WORK TO BE COMPLETED:
Filter this material down to the lines that hold "under", copying each one.

DATA EXTRACT:
========

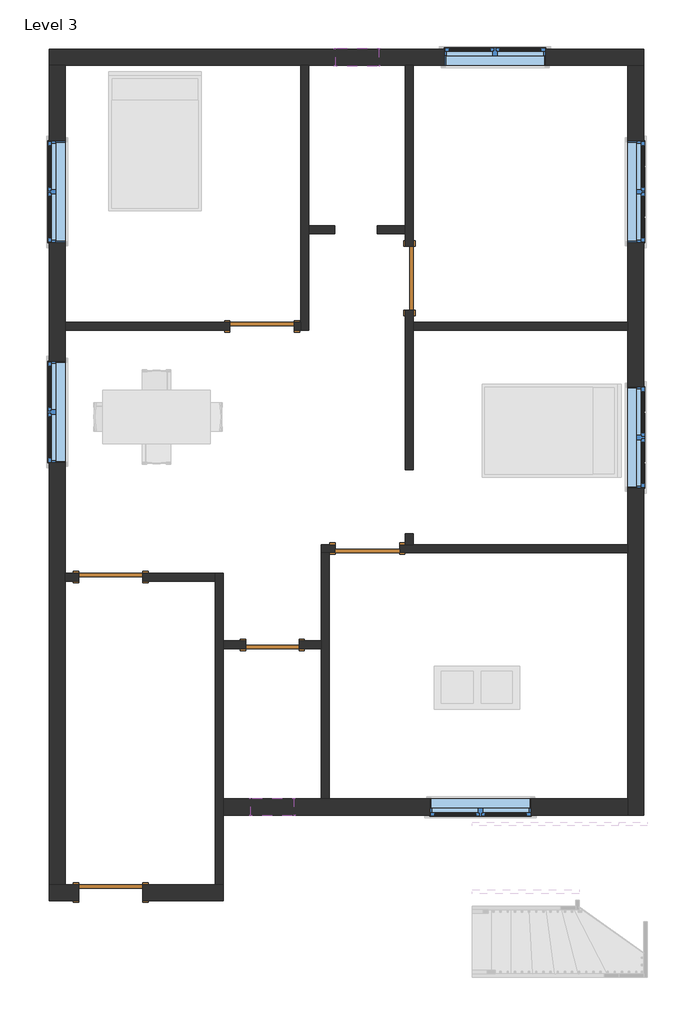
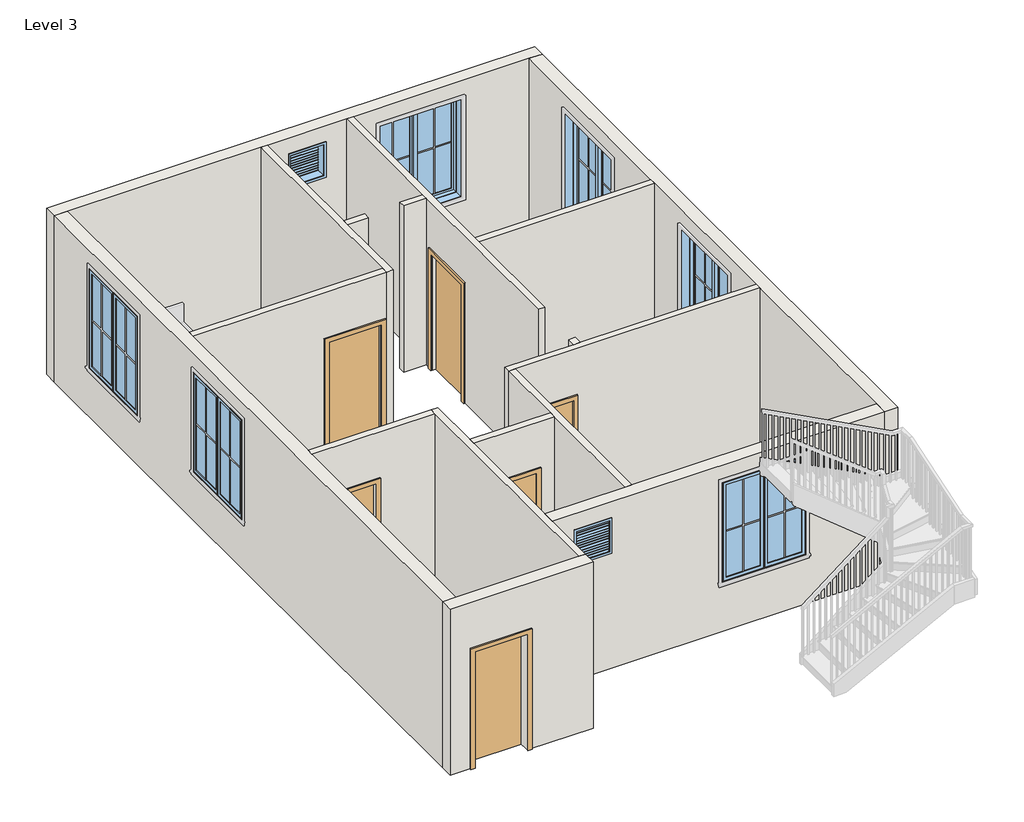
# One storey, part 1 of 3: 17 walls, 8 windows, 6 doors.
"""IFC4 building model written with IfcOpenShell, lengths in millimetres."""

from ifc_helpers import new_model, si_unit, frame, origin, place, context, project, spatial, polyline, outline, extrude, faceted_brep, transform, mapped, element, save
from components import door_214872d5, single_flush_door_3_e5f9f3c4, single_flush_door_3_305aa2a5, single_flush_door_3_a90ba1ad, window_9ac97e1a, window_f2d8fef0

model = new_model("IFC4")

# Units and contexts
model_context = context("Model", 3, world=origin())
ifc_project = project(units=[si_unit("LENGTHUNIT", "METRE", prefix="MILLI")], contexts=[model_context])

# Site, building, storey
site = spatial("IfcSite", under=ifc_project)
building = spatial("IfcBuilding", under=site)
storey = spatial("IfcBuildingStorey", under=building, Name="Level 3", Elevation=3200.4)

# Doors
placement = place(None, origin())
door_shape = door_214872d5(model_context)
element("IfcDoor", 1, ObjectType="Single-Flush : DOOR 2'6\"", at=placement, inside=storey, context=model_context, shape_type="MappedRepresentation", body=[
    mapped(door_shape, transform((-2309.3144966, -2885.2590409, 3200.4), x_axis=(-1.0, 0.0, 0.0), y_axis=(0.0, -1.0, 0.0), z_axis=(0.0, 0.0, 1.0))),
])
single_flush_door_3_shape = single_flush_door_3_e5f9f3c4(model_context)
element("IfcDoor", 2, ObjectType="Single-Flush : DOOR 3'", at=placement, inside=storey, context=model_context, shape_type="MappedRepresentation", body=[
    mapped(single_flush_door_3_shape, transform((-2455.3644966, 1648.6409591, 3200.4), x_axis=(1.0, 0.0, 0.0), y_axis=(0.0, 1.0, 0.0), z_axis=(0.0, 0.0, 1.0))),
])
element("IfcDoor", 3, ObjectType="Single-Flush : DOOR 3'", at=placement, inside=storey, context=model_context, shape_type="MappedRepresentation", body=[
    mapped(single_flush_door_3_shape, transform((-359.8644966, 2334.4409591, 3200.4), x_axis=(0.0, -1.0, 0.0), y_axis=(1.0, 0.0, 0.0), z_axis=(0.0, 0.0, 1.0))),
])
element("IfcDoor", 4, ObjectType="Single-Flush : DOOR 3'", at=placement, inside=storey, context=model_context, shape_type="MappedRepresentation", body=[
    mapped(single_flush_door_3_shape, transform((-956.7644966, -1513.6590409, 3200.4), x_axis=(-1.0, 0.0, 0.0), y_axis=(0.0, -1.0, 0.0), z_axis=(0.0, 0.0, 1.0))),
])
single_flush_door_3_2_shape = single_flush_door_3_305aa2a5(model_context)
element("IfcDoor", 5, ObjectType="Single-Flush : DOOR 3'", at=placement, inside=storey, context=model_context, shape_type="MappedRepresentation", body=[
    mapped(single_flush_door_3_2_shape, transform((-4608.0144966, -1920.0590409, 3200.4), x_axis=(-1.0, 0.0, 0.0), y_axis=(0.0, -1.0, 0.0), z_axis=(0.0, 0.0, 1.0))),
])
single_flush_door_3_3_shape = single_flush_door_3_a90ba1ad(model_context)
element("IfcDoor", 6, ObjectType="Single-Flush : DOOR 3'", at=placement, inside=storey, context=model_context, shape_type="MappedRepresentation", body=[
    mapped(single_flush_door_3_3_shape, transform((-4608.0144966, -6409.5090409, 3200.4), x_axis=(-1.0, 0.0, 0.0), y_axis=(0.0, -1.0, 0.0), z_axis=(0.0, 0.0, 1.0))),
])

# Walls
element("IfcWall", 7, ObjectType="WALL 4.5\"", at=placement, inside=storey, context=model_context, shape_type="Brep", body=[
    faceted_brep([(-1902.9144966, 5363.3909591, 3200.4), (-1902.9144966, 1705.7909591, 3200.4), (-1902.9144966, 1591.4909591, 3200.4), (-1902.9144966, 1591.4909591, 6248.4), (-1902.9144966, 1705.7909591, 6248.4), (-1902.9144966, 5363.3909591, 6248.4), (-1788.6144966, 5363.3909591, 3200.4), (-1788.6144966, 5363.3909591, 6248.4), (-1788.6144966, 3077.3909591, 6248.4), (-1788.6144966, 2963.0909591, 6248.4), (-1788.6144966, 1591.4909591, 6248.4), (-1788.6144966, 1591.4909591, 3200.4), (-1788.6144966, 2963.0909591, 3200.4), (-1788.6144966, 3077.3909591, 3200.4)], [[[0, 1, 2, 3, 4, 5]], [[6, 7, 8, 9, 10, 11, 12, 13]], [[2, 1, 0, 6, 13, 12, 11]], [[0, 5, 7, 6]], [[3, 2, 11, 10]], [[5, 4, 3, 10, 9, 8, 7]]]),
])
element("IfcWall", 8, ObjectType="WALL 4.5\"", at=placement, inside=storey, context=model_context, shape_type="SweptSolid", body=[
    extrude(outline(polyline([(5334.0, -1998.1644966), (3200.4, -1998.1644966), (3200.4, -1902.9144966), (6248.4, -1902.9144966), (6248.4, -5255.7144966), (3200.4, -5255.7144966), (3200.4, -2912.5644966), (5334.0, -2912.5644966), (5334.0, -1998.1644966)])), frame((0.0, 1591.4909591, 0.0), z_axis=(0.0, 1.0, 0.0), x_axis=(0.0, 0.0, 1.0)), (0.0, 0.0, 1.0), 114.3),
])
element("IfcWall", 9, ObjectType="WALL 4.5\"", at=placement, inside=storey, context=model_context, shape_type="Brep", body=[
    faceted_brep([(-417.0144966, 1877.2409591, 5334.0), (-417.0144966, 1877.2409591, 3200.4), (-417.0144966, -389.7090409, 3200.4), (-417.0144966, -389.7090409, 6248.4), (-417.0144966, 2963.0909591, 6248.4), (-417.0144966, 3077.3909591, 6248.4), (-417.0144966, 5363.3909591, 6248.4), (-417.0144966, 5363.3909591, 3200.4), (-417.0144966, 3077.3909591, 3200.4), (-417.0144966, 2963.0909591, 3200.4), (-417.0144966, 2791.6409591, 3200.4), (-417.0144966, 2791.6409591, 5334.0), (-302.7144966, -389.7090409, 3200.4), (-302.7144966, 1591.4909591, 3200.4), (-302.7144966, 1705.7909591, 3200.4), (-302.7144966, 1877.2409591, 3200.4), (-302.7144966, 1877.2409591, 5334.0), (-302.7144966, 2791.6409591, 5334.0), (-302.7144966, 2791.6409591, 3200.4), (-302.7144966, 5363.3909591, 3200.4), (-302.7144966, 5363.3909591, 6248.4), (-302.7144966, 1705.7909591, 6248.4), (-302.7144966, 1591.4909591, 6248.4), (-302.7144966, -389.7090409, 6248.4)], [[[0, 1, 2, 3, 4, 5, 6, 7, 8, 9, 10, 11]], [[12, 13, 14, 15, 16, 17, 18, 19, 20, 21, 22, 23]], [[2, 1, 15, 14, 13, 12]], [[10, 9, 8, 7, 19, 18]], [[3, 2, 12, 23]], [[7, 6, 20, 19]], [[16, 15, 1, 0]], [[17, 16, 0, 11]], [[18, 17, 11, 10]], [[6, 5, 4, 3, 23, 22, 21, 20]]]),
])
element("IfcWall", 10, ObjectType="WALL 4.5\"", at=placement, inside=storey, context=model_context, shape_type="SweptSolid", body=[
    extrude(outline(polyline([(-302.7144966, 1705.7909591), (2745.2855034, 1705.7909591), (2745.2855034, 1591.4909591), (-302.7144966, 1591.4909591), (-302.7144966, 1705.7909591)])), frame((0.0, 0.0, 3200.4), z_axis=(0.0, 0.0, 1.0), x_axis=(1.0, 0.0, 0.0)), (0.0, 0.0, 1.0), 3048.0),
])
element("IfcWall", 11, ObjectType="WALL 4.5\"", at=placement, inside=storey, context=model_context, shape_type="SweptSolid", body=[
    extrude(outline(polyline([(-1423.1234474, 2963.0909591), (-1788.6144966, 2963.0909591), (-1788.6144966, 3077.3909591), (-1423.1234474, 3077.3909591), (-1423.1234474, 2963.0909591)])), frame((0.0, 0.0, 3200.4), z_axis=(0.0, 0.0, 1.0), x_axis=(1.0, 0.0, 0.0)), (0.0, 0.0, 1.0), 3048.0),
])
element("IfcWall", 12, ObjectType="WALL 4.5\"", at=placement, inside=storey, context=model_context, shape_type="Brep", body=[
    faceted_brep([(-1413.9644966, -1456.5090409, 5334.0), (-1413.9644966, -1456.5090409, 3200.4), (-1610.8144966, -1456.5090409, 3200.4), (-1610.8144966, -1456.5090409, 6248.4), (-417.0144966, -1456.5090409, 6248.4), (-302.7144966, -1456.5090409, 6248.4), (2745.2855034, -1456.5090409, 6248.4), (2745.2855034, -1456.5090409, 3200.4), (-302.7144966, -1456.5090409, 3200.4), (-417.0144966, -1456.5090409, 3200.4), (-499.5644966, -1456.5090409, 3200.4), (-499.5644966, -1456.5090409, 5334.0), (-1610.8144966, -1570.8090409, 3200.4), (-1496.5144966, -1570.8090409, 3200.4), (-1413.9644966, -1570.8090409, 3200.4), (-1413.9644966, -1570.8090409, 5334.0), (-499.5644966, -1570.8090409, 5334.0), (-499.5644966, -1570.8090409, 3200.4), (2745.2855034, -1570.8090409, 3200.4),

========

EXERCISE SOLUTION:
site = spatial("IfcSite", under=ifc_project)
building = spatial("IfcBuilding", under=site)
storey = spatial("IfcBuildingStorey", under=building, Name="Level 3", Elevation=3200.4)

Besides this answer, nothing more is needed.